Records from a data source
##############################
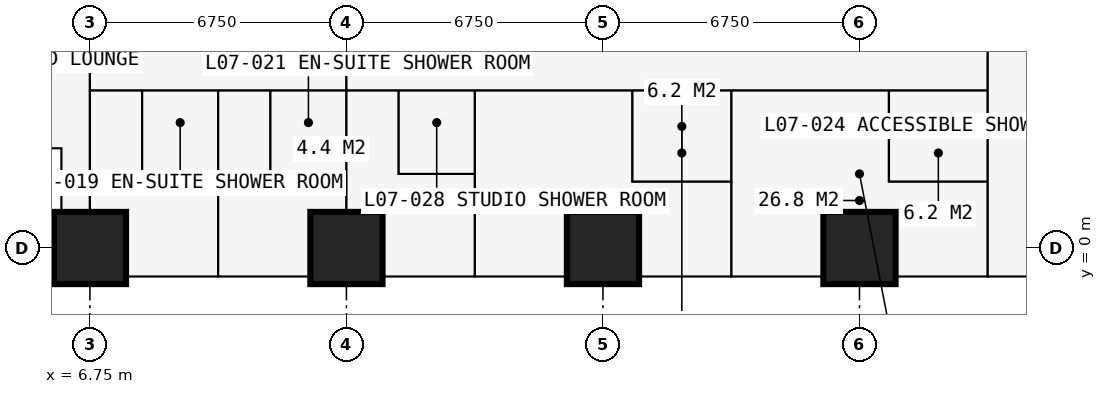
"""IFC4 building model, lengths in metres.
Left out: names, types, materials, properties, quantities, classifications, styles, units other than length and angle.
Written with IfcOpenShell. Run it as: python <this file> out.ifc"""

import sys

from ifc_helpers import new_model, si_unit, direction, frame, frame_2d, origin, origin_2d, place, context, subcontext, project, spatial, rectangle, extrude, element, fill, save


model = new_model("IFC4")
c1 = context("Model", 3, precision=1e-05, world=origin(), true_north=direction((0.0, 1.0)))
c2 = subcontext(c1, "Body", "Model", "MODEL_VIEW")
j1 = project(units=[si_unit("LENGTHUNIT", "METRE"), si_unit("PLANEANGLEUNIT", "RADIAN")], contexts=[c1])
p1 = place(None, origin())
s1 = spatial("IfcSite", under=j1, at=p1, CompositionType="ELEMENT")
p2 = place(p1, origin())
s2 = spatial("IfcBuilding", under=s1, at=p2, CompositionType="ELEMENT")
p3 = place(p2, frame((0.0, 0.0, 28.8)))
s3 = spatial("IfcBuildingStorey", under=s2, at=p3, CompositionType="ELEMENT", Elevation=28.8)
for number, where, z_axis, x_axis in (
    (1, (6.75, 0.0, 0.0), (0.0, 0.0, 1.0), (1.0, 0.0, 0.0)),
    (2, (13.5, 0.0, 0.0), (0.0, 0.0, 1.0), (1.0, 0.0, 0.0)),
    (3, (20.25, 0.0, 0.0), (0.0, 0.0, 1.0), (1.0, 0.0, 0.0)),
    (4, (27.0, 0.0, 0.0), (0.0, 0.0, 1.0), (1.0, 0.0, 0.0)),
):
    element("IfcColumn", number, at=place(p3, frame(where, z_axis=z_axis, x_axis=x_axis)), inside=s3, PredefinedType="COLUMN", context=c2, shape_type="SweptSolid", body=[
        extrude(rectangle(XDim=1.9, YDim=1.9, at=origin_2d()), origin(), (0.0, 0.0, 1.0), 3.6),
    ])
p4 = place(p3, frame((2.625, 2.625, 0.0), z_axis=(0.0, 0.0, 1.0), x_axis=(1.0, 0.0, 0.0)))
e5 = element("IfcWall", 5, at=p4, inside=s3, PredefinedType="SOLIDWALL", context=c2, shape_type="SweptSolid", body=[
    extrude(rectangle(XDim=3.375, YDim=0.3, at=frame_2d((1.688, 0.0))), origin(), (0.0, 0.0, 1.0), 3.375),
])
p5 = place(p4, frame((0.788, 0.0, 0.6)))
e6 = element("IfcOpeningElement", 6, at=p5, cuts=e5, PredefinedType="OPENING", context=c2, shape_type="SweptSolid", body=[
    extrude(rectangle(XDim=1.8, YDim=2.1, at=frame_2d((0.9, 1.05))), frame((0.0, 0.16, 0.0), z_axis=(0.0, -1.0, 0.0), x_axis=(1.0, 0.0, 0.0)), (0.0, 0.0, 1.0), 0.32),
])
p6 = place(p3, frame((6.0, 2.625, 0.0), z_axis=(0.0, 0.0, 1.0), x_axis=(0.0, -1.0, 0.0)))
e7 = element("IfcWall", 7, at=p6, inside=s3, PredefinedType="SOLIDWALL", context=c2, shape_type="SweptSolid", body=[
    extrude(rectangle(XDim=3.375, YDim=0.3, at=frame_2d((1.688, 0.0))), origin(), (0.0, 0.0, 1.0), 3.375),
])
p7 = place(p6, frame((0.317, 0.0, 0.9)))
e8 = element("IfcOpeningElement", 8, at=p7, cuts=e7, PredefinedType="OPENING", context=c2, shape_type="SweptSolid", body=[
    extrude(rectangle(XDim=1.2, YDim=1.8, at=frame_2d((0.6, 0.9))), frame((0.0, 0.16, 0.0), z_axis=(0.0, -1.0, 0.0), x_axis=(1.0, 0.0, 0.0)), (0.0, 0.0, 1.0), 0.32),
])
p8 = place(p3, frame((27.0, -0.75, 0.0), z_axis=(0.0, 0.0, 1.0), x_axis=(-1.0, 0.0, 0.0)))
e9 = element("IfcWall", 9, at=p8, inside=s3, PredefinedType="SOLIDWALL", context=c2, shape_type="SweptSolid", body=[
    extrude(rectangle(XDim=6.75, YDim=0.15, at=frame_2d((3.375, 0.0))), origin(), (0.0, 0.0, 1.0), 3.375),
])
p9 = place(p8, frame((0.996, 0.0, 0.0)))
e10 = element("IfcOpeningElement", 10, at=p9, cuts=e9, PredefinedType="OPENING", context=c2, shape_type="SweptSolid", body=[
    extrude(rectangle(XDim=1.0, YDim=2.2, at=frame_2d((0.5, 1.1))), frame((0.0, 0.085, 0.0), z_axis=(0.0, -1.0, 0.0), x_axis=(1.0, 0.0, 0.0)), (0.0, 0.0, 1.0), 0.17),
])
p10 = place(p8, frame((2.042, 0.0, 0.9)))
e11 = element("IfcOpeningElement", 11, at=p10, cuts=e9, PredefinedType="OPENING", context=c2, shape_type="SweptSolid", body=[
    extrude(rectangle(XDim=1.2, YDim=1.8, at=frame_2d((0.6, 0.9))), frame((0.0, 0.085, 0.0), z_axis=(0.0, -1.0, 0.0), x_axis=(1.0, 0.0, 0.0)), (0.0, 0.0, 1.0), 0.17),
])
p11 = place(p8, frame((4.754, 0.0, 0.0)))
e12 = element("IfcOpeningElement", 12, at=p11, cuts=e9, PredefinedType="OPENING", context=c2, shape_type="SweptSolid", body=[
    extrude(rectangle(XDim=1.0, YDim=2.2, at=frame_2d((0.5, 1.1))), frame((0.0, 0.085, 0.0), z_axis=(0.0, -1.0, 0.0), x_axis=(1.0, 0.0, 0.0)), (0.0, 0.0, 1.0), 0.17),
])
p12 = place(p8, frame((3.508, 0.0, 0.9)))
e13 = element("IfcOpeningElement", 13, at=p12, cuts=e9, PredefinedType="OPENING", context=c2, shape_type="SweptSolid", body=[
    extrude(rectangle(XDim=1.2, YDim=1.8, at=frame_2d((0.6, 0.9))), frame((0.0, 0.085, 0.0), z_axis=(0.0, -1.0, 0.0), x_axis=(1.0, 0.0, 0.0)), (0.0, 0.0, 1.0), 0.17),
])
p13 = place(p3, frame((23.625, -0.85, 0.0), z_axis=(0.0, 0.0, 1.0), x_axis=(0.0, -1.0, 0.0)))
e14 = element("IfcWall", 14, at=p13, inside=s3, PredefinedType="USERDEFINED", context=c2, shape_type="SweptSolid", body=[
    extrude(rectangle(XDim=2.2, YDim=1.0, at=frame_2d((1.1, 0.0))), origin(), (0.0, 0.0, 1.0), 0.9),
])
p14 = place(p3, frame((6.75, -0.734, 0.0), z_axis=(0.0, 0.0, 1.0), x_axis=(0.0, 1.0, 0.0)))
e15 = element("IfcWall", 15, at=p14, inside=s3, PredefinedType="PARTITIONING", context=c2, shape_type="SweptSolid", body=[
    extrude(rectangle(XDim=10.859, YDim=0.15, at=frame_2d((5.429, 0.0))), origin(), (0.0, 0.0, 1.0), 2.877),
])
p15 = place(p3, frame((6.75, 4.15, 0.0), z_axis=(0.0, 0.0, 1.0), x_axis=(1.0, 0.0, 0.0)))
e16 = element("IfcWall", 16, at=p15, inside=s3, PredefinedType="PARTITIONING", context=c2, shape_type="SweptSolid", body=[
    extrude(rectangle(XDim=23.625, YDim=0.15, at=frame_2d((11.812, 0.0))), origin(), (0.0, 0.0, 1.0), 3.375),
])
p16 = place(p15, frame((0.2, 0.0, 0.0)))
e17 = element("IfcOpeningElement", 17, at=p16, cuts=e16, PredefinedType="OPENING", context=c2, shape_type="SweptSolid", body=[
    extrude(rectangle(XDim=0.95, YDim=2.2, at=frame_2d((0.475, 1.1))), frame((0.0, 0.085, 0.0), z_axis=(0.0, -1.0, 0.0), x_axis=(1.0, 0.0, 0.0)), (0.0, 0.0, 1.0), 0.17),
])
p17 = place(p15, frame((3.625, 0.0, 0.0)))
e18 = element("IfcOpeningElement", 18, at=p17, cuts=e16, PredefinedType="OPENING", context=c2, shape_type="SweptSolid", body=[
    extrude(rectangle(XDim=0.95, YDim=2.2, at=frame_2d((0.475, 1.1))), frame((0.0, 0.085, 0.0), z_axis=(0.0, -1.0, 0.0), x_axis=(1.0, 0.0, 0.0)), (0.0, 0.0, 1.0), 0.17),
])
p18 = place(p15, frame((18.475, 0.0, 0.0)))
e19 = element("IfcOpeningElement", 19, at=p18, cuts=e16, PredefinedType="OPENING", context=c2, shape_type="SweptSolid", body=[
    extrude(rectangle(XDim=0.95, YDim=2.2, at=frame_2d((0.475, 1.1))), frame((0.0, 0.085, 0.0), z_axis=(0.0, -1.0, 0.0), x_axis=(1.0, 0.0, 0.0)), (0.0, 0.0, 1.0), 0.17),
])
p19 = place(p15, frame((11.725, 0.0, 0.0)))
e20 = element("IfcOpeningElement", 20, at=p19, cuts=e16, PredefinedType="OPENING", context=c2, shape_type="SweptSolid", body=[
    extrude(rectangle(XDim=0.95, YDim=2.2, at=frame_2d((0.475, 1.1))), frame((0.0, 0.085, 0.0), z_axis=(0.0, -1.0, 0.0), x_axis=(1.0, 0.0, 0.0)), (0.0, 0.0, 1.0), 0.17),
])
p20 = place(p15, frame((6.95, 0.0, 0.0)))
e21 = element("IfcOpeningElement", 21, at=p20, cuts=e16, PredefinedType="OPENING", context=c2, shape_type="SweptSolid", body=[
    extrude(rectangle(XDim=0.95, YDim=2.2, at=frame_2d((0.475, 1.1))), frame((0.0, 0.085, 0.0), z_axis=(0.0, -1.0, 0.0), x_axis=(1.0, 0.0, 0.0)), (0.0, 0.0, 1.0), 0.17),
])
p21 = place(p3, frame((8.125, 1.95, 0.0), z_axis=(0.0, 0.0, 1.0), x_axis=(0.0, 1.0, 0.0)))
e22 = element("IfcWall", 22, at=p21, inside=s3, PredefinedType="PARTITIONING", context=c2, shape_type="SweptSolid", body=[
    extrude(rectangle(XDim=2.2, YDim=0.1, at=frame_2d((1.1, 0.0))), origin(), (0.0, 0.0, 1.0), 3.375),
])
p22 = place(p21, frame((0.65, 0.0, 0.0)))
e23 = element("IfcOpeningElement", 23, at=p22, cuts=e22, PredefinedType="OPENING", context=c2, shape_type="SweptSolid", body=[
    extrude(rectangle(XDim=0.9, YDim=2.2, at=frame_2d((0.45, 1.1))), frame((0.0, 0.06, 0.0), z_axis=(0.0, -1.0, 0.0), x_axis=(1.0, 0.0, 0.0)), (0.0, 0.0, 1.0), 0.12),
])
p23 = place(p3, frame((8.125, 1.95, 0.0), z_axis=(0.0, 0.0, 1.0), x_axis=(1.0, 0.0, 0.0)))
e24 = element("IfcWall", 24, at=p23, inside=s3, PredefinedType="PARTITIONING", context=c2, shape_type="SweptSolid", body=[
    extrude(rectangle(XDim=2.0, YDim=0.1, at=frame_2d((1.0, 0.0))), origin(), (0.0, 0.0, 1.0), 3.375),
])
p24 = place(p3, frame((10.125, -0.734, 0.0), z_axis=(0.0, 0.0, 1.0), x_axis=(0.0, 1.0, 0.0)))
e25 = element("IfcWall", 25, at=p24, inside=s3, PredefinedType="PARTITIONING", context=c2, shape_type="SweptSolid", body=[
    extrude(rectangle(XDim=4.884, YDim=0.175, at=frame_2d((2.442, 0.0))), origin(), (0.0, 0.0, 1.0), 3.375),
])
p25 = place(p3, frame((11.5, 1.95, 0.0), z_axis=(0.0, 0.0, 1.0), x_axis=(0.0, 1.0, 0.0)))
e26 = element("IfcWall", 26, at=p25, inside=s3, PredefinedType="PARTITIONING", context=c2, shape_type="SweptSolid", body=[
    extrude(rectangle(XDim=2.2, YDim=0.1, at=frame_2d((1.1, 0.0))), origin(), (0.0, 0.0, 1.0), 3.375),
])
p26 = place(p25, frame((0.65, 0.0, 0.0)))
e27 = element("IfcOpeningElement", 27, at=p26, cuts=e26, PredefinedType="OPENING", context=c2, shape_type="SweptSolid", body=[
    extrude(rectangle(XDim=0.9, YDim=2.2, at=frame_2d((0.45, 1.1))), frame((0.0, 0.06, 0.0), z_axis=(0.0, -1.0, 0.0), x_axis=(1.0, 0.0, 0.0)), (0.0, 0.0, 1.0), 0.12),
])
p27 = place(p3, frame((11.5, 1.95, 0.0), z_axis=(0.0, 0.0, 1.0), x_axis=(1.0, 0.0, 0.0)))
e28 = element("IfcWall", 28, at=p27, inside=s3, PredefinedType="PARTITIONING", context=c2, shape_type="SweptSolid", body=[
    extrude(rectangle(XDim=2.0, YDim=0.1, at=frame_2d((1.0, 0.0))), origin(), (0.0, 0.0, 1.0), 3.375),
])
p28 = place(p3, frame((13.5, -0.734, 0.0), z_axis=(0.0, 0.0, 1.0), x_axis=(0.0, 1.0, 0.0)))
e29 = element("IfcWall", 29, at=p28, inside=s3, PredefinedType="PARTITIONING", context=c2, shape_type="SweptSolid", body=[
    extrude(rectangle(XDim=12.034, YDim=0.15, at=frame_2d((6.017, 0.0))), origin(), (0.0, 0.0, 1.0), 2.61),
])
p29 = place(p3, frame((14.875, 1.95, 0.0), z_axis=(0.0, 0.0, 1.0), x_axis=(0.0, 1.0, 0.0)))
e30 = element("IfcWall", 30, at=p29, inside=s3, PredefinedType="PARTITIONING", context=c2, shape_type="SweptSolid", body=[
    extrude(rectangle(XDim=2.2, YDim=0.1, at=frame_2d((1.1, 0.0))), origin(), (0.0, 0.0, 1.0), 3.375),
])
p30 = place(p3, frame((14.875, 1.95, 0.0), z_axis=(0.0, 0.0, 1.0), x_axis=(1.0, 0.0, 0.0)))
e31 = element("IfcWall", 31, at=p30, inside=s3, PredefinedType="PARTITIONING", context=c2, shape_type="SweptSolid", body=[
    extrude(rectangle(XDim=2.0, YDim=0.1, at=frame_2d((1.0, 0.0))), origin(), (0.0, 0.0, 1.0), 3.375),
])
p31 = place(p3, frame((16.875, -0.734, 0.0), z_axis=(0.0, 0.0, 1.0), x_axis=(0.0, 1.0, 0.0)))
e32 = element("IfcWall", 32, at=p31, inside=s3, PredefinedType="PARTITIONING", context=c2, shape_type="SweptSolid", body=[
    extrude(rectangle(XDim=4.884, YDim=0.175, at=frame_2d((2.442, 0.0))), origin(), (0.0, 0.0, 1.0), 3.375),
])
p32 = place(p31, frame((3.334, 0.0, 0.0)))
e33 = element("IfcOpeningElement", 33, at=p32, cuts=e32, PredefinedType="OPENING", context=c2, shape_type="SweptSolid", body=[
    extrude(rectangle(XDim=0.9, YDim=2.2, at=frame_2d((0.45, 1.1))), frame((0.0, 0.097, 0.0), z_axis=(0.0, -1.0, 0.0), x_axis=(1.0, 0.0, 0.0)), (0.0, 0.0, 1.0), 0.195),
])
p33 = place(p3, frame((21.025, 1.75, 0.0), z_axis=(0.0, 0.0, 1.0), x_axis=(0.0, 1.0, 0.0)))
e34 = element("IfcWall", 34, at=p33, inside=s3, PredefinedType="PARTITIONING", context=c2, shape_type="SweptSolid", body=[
##############################
| Work item |
From the entries above, copy every line containing the word "import".

| Response to this exercise |
import sys
from ifc_helpers import new_model, si_unit, direction, frame, frame_2d, origin, origin_2d, place, context, subcontext, project, spatial, rectangle, extrude, element, fill, save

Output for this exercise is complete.